***** Data for review *****
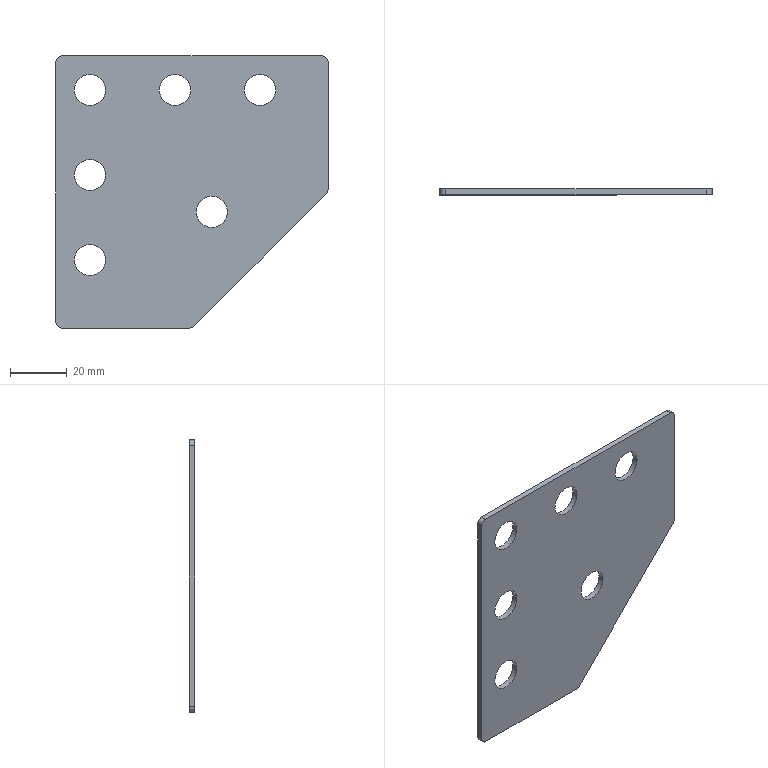Component | SolidWorks | Assembly2-1_Stiffener-2 | 1 solid | 24 faces | box 96 x 2 x 96 mm | volume 14982 mm3 | cylinder 17 | plane 7 | commonest cylinder face diameters 11 x12 4 x5
STEP:
#1=COLOUR_RGB('',0.7922,0.8196,0.9333);
#2=FILL_AREA_STYLE_COLOUR('',#1);
#3=FILL_AREA_STYLE('',(#2));
#4=SURFACE_STYLE_FILL_AREA(#3);
#5=SURFACE_SIDE_STYLE('',(#4));
#6=SURFACE_STYLE_USAGE(.BOTH.,#5);
#7=PRESENTATION_STYLE_ASSIGNMENT((#6));
#8=CARTESIAN_POINT('',(-2.167,43.439,0.3839));
#9=VERTEX_POINT('',#8);
#10=CARTESIAN_POINT('',(-1.733,43.439,0.3839));
#11=VERTEX_POINT('',#10);
#12=CARTESIAN_POINT('',(-1.95,43.439,0.3839));
#13=DIRECTION('',(-0.,1.,0.));
#14=DIRECTION('',(1.,0.,-0.));
#15=AXIS2_PLACEMENT_3D('',#12,#13,#14);
#16=CIRCLE('',#15,0.2165);
#17=EDGE_CURVE('',#9,#11,#16,.T.);
#18=ORIENTED_EDGE('',*,*,#17,.F.);
#19=CARTESIAN_POINT('',(-2.167,43.517,0.3839));
#20=VERTEX_POINT('',#19);
#21=CARTESIAN_POINT('',(-2.167,43.124,0.3839));
#22=DIRECTION('',(-0.,1.,0.));
#23=VECTOR('',#22,39.37);
#24=LINE('',#21,#23);
#25=EDGE_CURVE('',#9,#20,#24,.T.);
#26=ORIENTED_EDGE('',*,*,#25,.T.);
#27=CARTESIAN_POINT('',(-1.733,43.517,0.3839));
#28=VERTEX_POINT('',#27);
#29=CARTESIAN_POINT('',(-1.95,43.517,0.3839));
#30=DIRECTION('',(-0.,1.,0.));
#31=DIRECTION('',(1.,0.,-0.));
#32=AXIS2_PLACEMENT_3D('',#29,#30,#31);
#33=CIRCLE('',#32,0.2165);
#34=EDGE_CURVE('',#20,#28,#33,.T.);
#35=ORIENTED_EDGE('',*,*,#34,.T.);
#36=CARTESIAN_POINT('',(-1.733,43.124,0.3839));
#37=DIRECTION('',(-0.,1.,0.));
#38=VECTOR('',#37,39.37);
#39=LINE('',#36,#38);
#40=EDGE_CURVE('',#11,#28,#39,.T.);
#41=ORIENTED_EDGE('',*,*,#40,.F.);
#42=EDGE_LOOP('',(#18,#26,#35,#41));
#43=FACE_OUTER_BOUND('',#42,.T.);
#44=CARTESIAN_POINT('',(-1.95,43.124,0.3839));
#45=DIRECTION('',(-0.,1.,0.));
#46=DIRECTION('',(1.,0.,-0.));
#47=AXIS2_PLACEMENT_3D('',#44,#45,#46);
#48=CYLINDRICAL_SURFACE('',#47,0.2165);
#49=ADVANCED_FACE('',(#43),#48,.F.);
#50=CARTESIAN_POINT('',(-3.859,43.439,-0.2854));
#51=VERTEX_POINT('',#50);
#52=CARTESIAN_POINT('',(-3.426,43.439,-0.2854));
#53=VERTEX_POINT('',#52);
#54=CARTESIAN_POINT('',(-3.643,43.439,-0.2854));
#55=DIRECTION('',(-0.,1.,0.));
#56=DIRECTION('',(1.,0.,-0.));
#57=AXIS2_PLACEMENT_3D('',#54,#55,#56);
#58=CIRCLE('',#57,0.2165);
#59=EDGE_CURVE('',#51,#53,#58,.T.);
#60=ORIENTED_EDGE('',*,*,#59,.F.);
#61=CARTESIAN_POINT('',(-3.859,43.517,-0.2854));
#62=VERTEX_POINT('',#61);
#63=CARTESIAN_POINT('',(-3.859,43.124,-0.2854));
#64=DIRECTION('',(-0.,1.,0.));
#65=VECTOR('',#64,39.37);
#66=LINE('',#63,#65);
#67=EDGE_CURVE('',#51,#62,#66,.T.);
#68=ORIENTED_EDGE('',*,*,#67,.T.);
#69=CARTESIAN_POINT('',(-3.426,43.517,-0.2854));
#70=VERTEX_POINT('',#69);
#71=CARTESIAN_POINT('',(-3.643,43.517,-0.2854));
#72=DIRECTION('',(-0.,1.,0.));
#73=DIRECTION('',(1.,0.,-0.));
#74=AXIS2_PLACEMENT_3D('',#71,#72,#73);
#75=CIRCLE('',#74,0.2165);
#76=EDGE_CURVE('',#62,#70,#75,.T.);
#77=ORIENTED_EDGE('',*,*,#76,.T.);
#78=CARTESIAN_POINT('',(-3.426,43.124,-0.2854));
#79=DIRECTION('',(-0.,1.,0.));
#80=VECTOR('',#79,39.37);
#81=LINE('',#78,#80);
#82=EDGE_CURVE('',#53,#70,#81,.T.);
#83=ORIENTED_EDGE('',*,*,#82,.F.);
#84=EDGE_LOOP('',(#60,#68,#77,#83));
#85=FACE_OUTER_BOUND('',#84,.T.);
#86=CARTESIAN_POINT('',(-3.643,43.124,-0.2854));
#87=DIRECTION('',(-0.,1.,0.));
#88=DIRECTION('',(1.,0.,-0.));
#89=AXIS2_PLACEMENT_3D('',#86,#87,#88);
#90=CYLINDRICAL_SURFACE('',#89,0.2165);
#91=ADVANCED_FACE('',(#85),#90,.F.);
#92=CARTESIAN_POINT('',(-3.859,43.439,0.8957));
#93=VERTEX_POINT('',#92);
#94=CARTESIAN_POINT('',(-3.426,43.439,0.8957));
#95=VERTEX_POINT('',#94);
#96=CARTESIAN_POINT('',(-3.643,43.439,0.8957));
#97=DIRECTION('',(-0.,1.,0.));
#98=DIRECTION('',(1.,0.,-0.));
#99=AXIS2_PLACEMENT_3D('',#96,#97,#98);
#100=CIRCLE('',#99,0.2165);
#101=EDGE_CURVE('',#93,#95,#100,.T.);
#102=ORIENTED_EDGE('',*,*,#101,.F.);
#103=CARTESIAN_POINT('',(-3.859,43.517,0.8957));
#104=VERTEX_POINT('',#103);
#105=CARTESIAN_POINT('',(-3.859,43.124,0.8957));
#106=DIRECTION('',(-0.,1.,0.));
#107=VECTOR('',#106,39.37);
#108=LINE('',#105,#107);
#109=EDGE_CURVE('',#93,#104,#108,.T.);
#110=ORIENTED_EDGE('',*,*,#109,.T.);
#111=CARTESIAN_POINT('',(-3.426,43.517,0.8957));
#112=VERTEX_POINT('',#111);
#113=CARTESIAN_POINT('',(-3.643,43.517,0.8957));
#114=DIRECTION('',(-0.,1.,0.));
#115=DIRECTION('',(1.,0.,-0.));
#116=AXIS2_PLACEMENT_3D('',#113,#114,#115);
#117=CIRCLE('',#116,0.2165);
#118=EDGE_CURVE('',#104,#112,#117,.T.);
#119=ORIENTED_EDGE('',*,*,#118,.T.);
#120=CARTESIAN_POINT('',(-3.426,43.124,0.8957));
#121=DIRECTION('',(-0.,1.,0.));
#122=VECTOR('',#121,39.37);
#123=LINE('',#120,#122);
#124=EDGE_CURVE('',#95,#112,#123,.T.);
#125=ORIENTED_EDGE('',*,*,#124,.F.);
#126=EDGE_LOOP('',(#102,#110,#119,#125));
#127=FACE_OUTER_BOUND('',#126,.T.);
#128=CARTESIAN_POINT('',(-3.643,43.124,0.8957));
#129=DIRECTION('',(-0.,1.,0.));
#130=DIRECTION('',(1.,0.,-0.));
#131=AXIS2_PLACEMENT_3D('',#128,#129,#130);
#132=CYLINDRICAL_SURFACE('',#131,0.2165);
#133=ADVANCED_FACE('',(#127),#132,.F.);
#134=CARTESIAN_POINT('',(-1.497,43.439,2.077));
#135=VERTEX_POINT('',#134);
#136=CARTESIAN_POINT('',(-1.064,43.439,2.077));
#137=VERTEX_POINT('',#136);
#138=CARTESIAN_POINT('',(-1.281,43.439,2.077));
#139=DIRECTION('',(-0.,1.,0.));
#140=DIRECTION('',(1.,0.,-0.));
#141=AXIS2_PLACEMENT_3D('',#138,#139,#140);
#142=CIRCLE('',#141,0.2165);
#143=EDGE_CURVE('',#135,#137,#142,.T.);
#144=ORIENTED_EDGE('',*,*,#143,.F.);
#145=CARTESIAN_POINT('',(-1.497,43.517,2.077));
#146=VERTEX_POINT('',#145);
#147=CARTESIAN_POINT('',(-1.497,43.124,2.077));
#148=DIRECTION('',(-0.,1.,0.));
#149=VECTOR('',#148,39.37);
#150=LINE('',#147,#149);
#151=EDGE_CURVE('',#135,#146,#150,.T.);
#152=ORIENTED_EDGE('',*,*,#151,.T.);
#153=CARTESIAN_POINT('',(-1.064,43.517,2.077));
#154=VERTEX_POINT('',#153);
#155=CARTESIAN_POINT('',(-1.281,43.517,2.077));
#156=DIRECTION('',(-0.,1.,0.));
#157=DIRECTION('',(1.,0.,-0.));
#158=AXIS2_PLACEMENT_3D('',#155,#156,#157);
#159=CIRCLE('',#158,0.2165);
#160=EDGE_CURVE('',#146,#154,#159,.T.);
#161=ORIENTED_EDGE('',*,*,#160,.T.);
#162=CARTESIAN_POINT('',(-1.064,43.124,2.077));
#163=DIRECTION('',(-0.,1.,0.));
#164=VECTOR('',#163,39.37);
#165=LINE('',#162,#164);
#166=EDGE_CURVE('',#137,#154,#165,.T.);
#167=ORIENTED_EDGE('',*,*,#166,.F.);
#168=EDGE_LOOP('',(#144,#152,#161,#167));
#169=FACE_OUTER_BOUND('',#168,.T.);
#170=CARTESIAN_POINT('',(-1.281,43.124,2.077));
#171=DIRECTION('',(-0.,1.,0.));
#172=DIRECTION('',(1.,0.,-0.));
#173=AXIS2_PLACEMENT_3D('',#170,#171,#172);
#174=CYLINDRICAL_SURFACE('',#173,0.2165);
#175=ADVANCED_FACE('',(#169),#174,.F.);
#176=CARTESIAN_POINT('',(-2.678,43.439,2.077));
#177=VERTEX_POINT('',#176);
#178=CARTESIAN_POINT('',(-2.245,43.439,2.077));
#179=VERTEX_POINT('',#178);
#180=CARTESIAN_POINT('',(-2.462,43.439,2.077));
#181=DIRECTION('',(-0.,1.,0.));
#182=DIRECTION('',(1.,0.,-0.));
#183=AXIS2_PLACEMENT_3D('',#180,#181,#182);
#184=CIRCLE('',#183,0.2165);
#185=EDGE_CURVE('',#177,#179,#184,.T.);
#186=ORIENTED_EDGE('',*,*,#185,.F.);
#187=CARTESIAN_POINT('',(-2.678,43.517,2.077));
#188=VERTEX_POINT('',#187);
#189=CARTESIAN_POINT('',(-2.678,43.124,2.077));
#190=DIRECTION('',(-0.,1.,0.));
#191=VECTOR('',#190,39.37);
#192=LINE('',#189,#191);
#193=EDGE_CURVE('',#177,#188,#192,.T.);
#194=ORIENTED_EDGE('',*,*,#193,.T.);
#195=CARTESIAN_POINT('',(-2.245,43.517,2.077));
#196=VERTEX_POINT('',#195);
#197=CARTESIAN_POINT('',(-2.462,43.517,2.077));
#198=DIRECTION('',(-0.,1.,0.));
#199=DIRECTION('',(1.,0.,-0.));
#200=AXIS2_PLACEMENT_3D('',#197,#198,#199);
#201=CIRCLE('',#200,0.2165);
#202=EDGE_CURVE('',#188,#196,#201,.T.);
#203=ORIENTED_EDGE('',*,*,#202,.T.);
#204=CARTESIAN_POINT('',(-2.245,43.124,2.077));
#205=DIRECTION('',(-0.,1.,0.));
#206=VECTOR('',#205,39.37);
#207=LINE('',#204,#206);
#208=EDGE_CURVE('',#179,#196,#207,.T.);
#209=ORIENTED_EDGE('',*,*,#208,.F.);
#210=EDGE_LOOP('',(#186,#194,#203,#209));
#211=FACE_OUTER_BOUND('',#210,.T.);
#212=CARTESIAN_POINT('',(-2.462,43.124,2.077));
#213=DIRECTION('',(-0.,1.,0.));
#214=DIRECTION('',(1.,0.,-0.));
#215=AXIS2_PLACEMENT_3D('',#212,#213,#214);
#216=CYLINDRICAL_SURFACE('',#215,0.2165);
#217=ADVANCED_FACE('',(#211),#216,.F.);
#218=CARTESIAN_POINT('',(-3.859,43.439,2.077));
#219=VERTEX_POINT('',#218);
#220=CARTESIAN_POINT('',(-3.426,43.439,2.077));
#221=VERTEX_POINT('',#220);
#222=CARTESIAN_POINT('',(-3.643,43.439,2.077));
#223=DIRECTION('',(-0.,1.,0.));
#224=DIRECTION('',(1.,0.,-0.));
#225=AXIS2_PLACEMENT_3D('',#222,#223,#224);
#226=CIRCLE('',#225,0.2165);
#227=EDGE_CURVE('',#219,#221,#226,.T.);
#228=ORIENTED_EDGE('',*,*,#227,.F.);
#229=CARTESIAN_POINT('',(-3.859,43.517,2.077));
#230=VERTEX_POINT('',#229);
#231=CARTESIAN_POINT('',(-3.859,43.124,2.077));
#232=DIRECTION('',(-0.,1.,0.));
#233=VECTOR('',#232,39.37);
#234=LINE('',#231,#233);
#235=EDGE_CURVE('',#219,#230,#234,.T.);
#236=ORIENTED_EDGE('',*,*,#235,.T.);
#237=CARTESIAN_POINT('',(-3.426,43.517,2.077));
#238=VERTEX_POINT('',#237);
#239=CARTESIAN_POINT('',(-3.643,43.517,2.077));
#240=DIRECTION('',(-0.,1.,0.));
#241=DIRECTION('',(1.,0.,-0.));
#242=AXIS2_PLACEMENT_3D('',#239,#240,#241);
#243=CIRCLE('',#242,0.2165);
#244=EDGE_CURVE('',#230,#238,#243,.T.);
#245=ORIENTED_EDGE('',*,*,#244,.T.);
#246=CARTESIAN_POINT('',(-3.426,43.124,2.077));
#247=DIRECTION('',(-0.,1.,0.));
#248=VECTOR('',#247,39.37);
#249=LINE('',#246,#248);
#250=EDGE_CURVE('',#221,#238,#249,.T.);
#251=ORIENTED_EDGE('',*,*,#250,.F.);
#252=EDGE_LOOP('',(#228,#236,#245,#251));
#253=FACE_OUTER_BOUND('',#252,.T.);
#254=CARTESIAN_POINT('',(-3.643,43.124,2.077));
#255=DIRECTION('',(-0.,1.,0.));
#256=DIRECTION('',(1.,0.,-0.));
#257=AXIS2_PLACEMENT_3D('',#254,#255,#256);
#258=CYLINDRICAL_SURFACE('',#257,0.2165);
#259=ADVANCED_FACE('',(#253),#258,.F.);
#260=CARTESIAN_POINT('',(-0.3358,43.517,0.6921));
#261=VERTEX_POINT('',#260);
#262=CARTESIAN_POINT('',(-0.3589,43.517,0.6364));
#263=VERTEX_POINT('',#262);
#264=CARTESIAN_POINT('',(-0.4145,43.517,0.6921));
#265=DIRECTION('',(-0.,1.,0.));
#266=DIRECTION('',(1.,0.,-0.));
#267=AXIS2_PLACEMENT_3D('',#264,#265,#266);
#268=CIRCLE('',#267,0.07874);
#269=EDGE_CURVE('',#261,#263,#268,.T.);
#270=ORIENTED_EDGE('',*,*,#269,.F.);
#271=CARTESIAN_POINT('',(-0.3358,43.439,0.6921));
#272=VERTEX_POINT('',#271);
#273=CARTESIAN_POINT('',(-0.3358,43.439,0.6921));
#274=DIRECTION('',(-0.,1.,0.));
#275=VECTOR('',#274,39.37);
#276=LINE('',#273,#275);
#277=EDGE_CURVE('',#272,#261,#276,.T.);
#278=ORIENTED_EDGE('',*,*,#277,.F.);
#279=CARTESIAN_POINT('',(-0.3589,43.439,0.6364));
#280=VERTEX_POINT('',#279);
#281=CARTESIAN_POINT('',(-0.4145,43.439,0.6921));
#282=DIRECTION('',(-0.,1.,0.));
#283=DIRECTION('',(1.,0.,-0.));
#284=AXIS2_PLACEMENT_3D('',#281,#282,#283);
#285=CIRCLE('',#284,0.07874);
#286=EDGE_CURVE('',#272,#280,#285,.T.);
#287=ORIENTED_EDGE('',*,*,#286,.T.);
#288=CARTESIAN_POINT('',(-0.3589,43.439,0.6364));
#289=DIRECTION('',(-0.,1.,0.));
#290=VECTOR('',#289,39.37);
#291=LINE('',#288,#290);
#292=EDGE_CURVE('',#280,#263,#291,.T.);
#293=ORIENTED_EDGE('',*,*,#292,.T.);
#294=EDGE_LOOP('',(#270,#278,#287,#293));
#295=FACE_OUTER_BOUND('',#294,.T.);
#296=CARTESIAN_POINT('',(-0.4145,43.439,0.6921));
#297=DIRECTION('',(-0.,1.,0.));
#298=DIRECTION('',(1.,0.,-0.));
#299=AXIS2_PLACEMENT_3D('',#296,#297,#298);
#300=CYLINDRICAL_SURFACE('',#299,0.07874);
#301=ADVANCED_FACE('',(#295),#300,.T.);
#302=CARTESIAN_POINT('',(-0.3358,43.517,2.47));
#303=VERTEX_POINT('',#302);
#304=CARTESIAN_POINT('',(-0.3358,43.517,2.47));
#305=DIRECTION('',(-0.,0.,-1.));
#306=VECTOR('',#305,39.37);
#307=LINE('',#304,#306);
#308=EDGE_CURVE('',#303,#261,#307,.T.);
#309=ORIENTED_EDGE('',*,*,#308,.F.);
#310=CARTESIAN_POINT('',(-0.3358,43.439,2.47));
#311=VERTEX_POINT('',#310);
#312=CARTESIAN_POINT('',(-0.3358,43.439,2.47));
#313=DIRECTION('',(-0.,1.,0.));
#314=VECTOR('',#313,39.37);
#315=LINE('',#312,#314);
#316=EDGE_CURVE('',#311,#303,#315,.T.);
#317=ORIENTED_EDGE('',*,*,#316,.F.);
#318=CARTESIAN_POINT('',(-0.3358,43.439,2.47));
#319=DIRECTION('',(-0.,0.,-1.));
#320=VECTOR('',#319,39.37);
#321=LINE('',#318,#320);
#322=EDGE_CURVE('',#311,#272,#321,.T.);
#323=ORIENTED_EDGE('',*,*,#322,.T.);
#324=ORIENTED_EDGE('',*,*,#277,.T.);
#325=EDGE_LOOP('',(#309,#317,#323,#324));
#326=FACE_OUTER_BOUND('',#325,.T.);
#327=CARTESIAN_POINT('',(-0.3358,43.439,2.47));
#328=DIRECTION('',(1.,0.,-0.));
#329=DIRECTION('',(0.,-1.,-0.));
#330=AXIS2_PLACEMENT_3D('',#327,#328,#329);
#331=PLANE('',#330);
#332=ADVANCED_FACE('',(#326),#331,.T.);
#333=CARTESIAN_POINT('',(-0.4145,43.517,2.549));
#334=VERTEX_POINT('',#333);
#335=CARTESIAN_POINT('',(-0.4145,43.517,2.47));
#336=DIRECTION('',(-0.,1.,0.));
#337=DIRECTION('',(1.,0.,0.));
#338=AXIS2_PLACEMENT_3D('',#335,#336,#337);
#339=CIRCLE('',#338,0.07874);
#340=EDGE_CURVE('',#334,#303,#339,.T.);
#341=ORIENTED_EDGE('',*,*,#340,.F.);
#342=CARTESIAN_POINT('',(-0.4145,43.439,2.549));
#343=VERTEX_POINT('',#342);
#344=CARTESIAN_POINT('',(-0.4145,43.439,2.549));
#345=DIRECTION('',(-0.,1.,0.));
#346=VECTOR('',#345,39.37);
#347=LINE('',#344,#346);
#348=EDGE_CURVE('',#343,#334,#347,.T.);
#349=ORIENTED_EDGE('',*,*,#348,.F.);
#350=CARTESIAN_POINT('',(-0.4145,43.439,2.47));
#351=DIRECTION('',(-0.,1.,0.));
#352=DIRECTION('',(1.,0.,0.));
#353=AXIS2_PLACEMENT_3D('',#350,#351,#352);
#354=CIRCLE('',#353,0.07874);
#355=EDGE_CURVE('',#343,#311,#354,.T.);
#356=ORIENTED_EDGE('',*,*,#355,.T.);
#357=ORIENTED_EDGE('',*,*,#316,.T.);
#358=EDGE_LOOP('',(#341,#349,#356,#357));
#359=FACE_OUTER_BOUND('',#358,.T.);
#360=CARTESIAN_POINT('',(-0.4145,43.439,2.47));
#361=DIRECTION('',(-0.,1.,0.));
#362=DIRECTION('',(1.,0.,0.));
#363=AXIS2_PLACEMENT_3D('',#360,#361,#362);
#364=CYLINDRICAL_SURFACE('',#363,0.07874);
#365=ADVANCED_FACE('',(#359),#364,.T.);
#366=CARTESIAN_POINT('',(-4.037,43.517,2.549));
#367=VERTEX_POINT('',#366);
#368=CARTESIAN_POINT('',(-4.037,43.517,2.549));
#369=DIRECTION('',(1.,0.,-0.));
#370=VECTOR('',#369,39.37);
#371=LINE('',#368,#370);
#372=EDGE_CURVE('',#367,#334,#371,.T.);
#373=ORIENTED_EDGE('',*,*,#372,.F.);
#374=CARTESIAN_POINT('',(-4.037,43.439,2.549));
#375=VERTEX_POINT('',#374);
#376=CARTESIAN_POINT('',(-4.037,43.439,2.549));
#377=DIRECTION('',(-0.,1.,0.));
#378=VECTOR('',#377,39.37);
#379=LINE('',#376,#378);
#380=EDGE_CURVE('',#375,#367,#379,.T.);
#381=ORIENTED_EDGE('',*,*,#380,.F.);
#382=CARTESIAN_POINT('',(-4.037,43.439,2.549));
#383=DIRECTION('',(1.,0.,-0.));
#384=VECTOR('',#383,39.37);
#385=LINE('',#382,#384);
#386=EDGE_CURVE('',#375,#343,#385,.T.);
#387=ORIENTED_EDGE('',*,*,#386,.T.);
#388=ORIENTED_EDGE('',*,*,#348,.T.);
#389=EDGE_LOOP('',(#373,#381,#387,#388));
#390=FACE_OUTER_BOUND('',#389,.T.);
#391=CARTESIAN_POINT('',(-4.037,43.439,2.549));
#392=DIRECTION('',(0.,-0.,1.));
*****
### [What is expected]
Repeat, exactly as they stand above, the lines from the line with "#223=DIRECTION('',(-0.,1.,0.));" to the line with "#240=DIRECTION('',(-0.,1.,0.));", both lines included.

### [Answer for this exercise]
#223=DIRECTION('',(-0.,1.,0.));
#224=DIRECTION('',(1.,0.,-0.));
#225=AXIS2_PLACEMENT_3D('',#222,#223,#224);
#226=CIRCLE('',#225,0.2165);
#227=EDGE_CURVE('',#219,#221,#226,.T.);
#228=ORIENTED_EDGE('',*,*,#227,.F.);
#229=CARTESIAN_POINT('',(-3.859,43.517,2.077));
#230=VERTEX_POINT('',#229);
#231=CARTESIAN_POINT('',(-3.859,43.124,2.077));
#232=DIRECTION('',(-0.,1.,0.));
#233=VECTOR('',#232,39.37);
#234=LINE('',#231,#233);
#235=EDGE_CURVE('',#219,#230,#234,.T.);
#236=ORIENTED_EDGE('',*,*,#235,.T.);
#237=CARTESIAN_POINT('',(-3.426,43.517,2.077));
#238=VERTEX_POINT('',#237);
#239=CARTESIAN_POINT('',(-3.643,43.517,2.077));
#240=DIRECTION('',(-0.,1.,0.));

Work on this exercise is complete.